(Input records Opens)

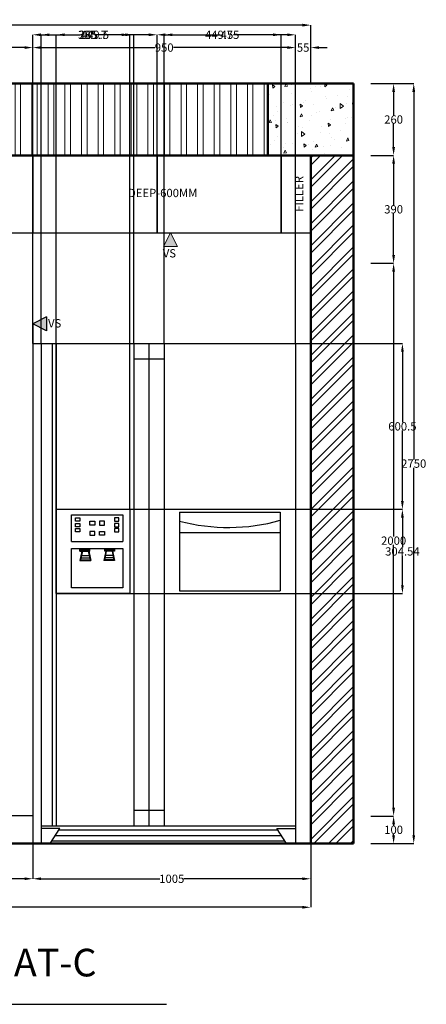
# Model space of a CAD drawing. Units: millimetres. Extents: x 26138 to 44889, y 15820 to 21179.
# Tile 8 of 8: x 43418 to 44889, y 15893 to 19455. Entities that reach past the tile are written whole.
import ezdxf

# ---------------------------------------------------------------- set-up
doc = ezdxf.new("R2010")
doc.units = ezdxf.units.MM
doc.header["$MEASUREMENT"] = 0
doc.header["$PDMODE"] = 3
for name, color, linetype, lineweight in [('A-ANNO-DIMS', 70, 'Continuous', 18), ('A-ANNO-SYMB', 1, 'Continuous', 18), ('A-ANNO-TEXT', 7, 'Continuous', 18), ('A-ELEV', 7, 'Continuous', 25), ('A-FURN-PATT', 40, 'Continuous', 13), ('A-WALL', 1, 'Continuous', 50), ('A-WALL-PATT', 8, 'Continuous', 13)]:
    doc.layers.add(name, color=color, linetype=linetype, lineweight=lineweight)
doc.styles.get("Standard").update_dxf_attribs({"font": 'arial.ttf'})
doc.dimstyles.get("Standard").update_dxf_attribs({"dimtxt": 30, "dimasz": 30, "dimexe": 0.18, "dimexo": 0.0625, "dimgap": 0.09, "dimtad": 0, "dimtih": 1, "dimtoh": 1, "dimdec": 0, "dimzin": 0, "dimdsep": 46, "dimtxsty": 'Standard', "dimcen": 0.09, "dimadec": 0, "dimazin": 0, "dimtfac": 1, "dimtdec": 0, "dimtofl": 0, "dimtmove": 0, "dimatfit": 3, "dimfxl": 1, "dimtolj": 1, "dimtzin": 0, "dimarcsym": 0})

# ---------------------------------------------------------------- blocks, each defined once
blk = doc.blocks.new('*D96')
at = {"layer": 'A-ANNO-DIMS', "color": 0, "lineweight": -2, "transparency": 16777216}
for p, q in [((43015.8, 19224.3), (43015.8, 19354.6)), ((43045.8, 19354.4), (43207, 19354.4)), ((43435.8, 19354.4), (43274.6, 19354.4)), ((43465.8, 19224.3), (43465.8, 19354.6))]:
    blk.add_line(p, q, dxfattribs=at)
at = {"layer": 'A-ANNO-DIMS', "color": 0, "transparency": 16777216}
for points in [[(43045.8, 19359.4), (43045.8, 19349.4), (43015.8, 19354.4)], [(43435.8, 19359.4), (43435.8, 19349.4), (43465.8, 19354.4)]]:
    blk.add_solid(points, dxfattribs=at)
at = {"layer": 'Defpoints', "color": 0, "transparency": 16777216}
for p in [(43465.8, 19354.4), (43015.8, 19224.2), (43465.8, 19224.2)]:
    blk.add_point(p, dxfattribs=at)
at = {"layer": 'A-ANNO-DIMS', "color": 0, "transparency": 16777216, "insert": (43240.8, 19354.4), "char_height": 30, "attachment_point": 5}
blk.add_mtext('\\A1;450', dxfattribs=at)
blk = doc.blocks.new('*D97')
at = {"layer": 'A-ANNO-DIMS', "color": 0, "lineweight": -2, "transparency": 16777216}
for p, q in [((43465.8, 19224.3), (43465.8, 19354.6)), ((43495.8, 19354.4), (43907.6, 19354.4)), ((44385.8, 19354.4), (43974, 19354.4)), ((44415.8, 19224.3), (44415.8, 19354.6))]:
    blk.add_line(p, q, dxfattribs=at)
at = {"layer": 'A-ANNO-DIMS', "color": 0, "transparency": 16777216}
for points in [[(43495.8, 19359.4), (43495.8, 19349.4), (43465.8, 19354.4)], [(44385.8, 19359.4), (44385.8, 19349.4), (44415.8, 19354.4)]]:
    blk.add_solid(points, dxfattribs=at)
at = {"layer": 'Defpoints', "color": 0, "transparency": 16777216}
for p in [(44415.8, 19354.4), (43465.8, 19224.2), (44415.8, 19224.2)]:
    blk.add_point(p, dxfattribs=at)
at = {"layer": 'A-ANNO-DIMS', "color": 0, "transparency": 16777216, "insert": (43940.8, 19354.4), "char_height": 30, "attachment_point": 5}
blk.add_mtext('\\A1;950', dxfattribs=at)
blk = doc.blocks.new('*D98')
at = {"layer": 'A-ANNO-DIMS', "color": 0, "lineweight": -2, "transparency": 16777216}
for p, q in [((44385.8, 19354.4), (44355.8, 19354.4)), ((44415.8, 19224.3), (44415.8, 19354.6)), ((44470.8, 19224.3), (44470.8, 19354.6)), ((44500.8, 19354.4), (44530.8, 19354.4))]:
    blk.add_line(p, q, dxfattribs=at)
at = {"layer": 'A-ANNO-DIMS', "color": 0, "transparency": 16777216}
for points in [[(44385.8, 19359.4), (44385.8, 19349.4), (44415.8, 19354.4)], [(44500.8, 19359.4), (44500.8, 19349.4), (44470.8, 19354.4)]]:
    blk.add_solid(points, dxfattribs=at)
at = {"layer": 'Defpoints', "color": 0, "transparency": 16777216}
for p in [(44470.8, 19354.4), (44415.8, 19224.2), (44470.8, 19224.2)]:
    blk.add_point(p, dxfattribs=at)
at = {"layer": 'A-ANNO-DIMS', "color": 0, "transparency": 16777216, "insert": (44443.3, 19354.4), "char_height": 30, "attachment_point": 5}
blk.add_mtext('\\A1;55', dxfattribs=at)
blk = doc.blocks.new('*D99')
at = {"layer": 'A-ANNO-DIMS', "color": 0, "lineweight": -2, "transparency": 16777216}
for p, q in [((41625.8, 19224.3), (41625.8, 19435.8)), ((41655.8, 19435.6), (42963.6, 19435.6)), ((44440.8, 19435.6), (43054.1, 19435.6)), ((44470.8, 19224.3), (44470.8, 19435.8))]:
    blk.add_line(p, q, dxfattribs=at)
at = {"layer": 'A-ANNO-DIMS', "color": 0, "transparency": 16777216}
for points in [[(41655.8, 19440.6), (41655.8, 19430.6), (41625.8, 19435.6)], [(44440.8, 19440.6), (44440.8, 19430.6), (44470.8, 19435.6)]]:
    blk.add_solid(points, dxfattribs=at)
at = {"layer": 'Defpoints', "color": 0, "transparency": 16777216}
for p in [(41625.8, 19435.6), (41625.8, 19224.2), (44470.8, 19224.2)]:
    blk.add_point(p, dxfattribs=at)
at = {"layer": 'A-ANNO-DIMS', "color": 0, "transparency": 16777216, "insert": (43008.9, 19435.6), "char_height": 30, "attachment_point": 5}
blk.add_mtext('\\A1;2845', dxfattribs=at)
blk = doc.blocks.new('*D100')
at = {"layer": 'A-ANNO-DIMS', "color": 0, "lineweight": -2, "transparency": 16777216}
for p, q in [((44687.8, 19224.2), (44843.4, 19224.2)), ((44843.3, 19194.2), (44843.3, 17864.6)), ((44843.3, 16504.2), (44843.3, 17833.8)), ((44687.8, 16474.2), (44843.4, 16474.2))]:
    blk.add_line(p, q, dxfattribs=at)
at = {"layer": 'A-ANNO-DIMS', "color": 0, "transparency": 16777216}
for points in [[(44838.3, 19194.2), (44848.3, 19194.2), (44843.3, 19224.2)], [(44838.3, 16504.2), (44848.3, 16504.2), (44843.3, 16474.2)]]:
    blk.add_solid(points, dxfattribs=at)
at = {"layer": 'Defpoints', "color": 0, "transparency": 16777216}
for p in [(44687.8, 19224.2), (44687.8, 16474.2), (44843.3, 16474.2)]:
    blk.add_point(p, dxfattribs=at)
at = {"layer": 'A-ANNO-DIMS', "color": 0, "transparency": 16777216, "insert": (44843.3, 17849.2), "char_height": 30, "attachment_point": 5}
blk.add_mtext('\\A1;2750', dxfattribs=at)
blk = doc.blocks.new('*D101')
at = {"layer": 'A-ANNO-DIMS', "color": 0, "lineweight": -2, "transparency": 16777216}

(Input records Closes)

■ About this task: Search each line of the data above for "blocks", and copy the lines where it occurs.

■ Answer to this task:
# ---------------------------------------------------------------- blocks, each defined once
blk = doc.blocks.new('*D96')
blk = doc.blocks.new('*D97')
blk = doc.blocks.new('*D98')
blk = doc.blocks.new('*D99')
blk = doc.blocks.new('*D100')
blk = doc.blocks.new('*D101')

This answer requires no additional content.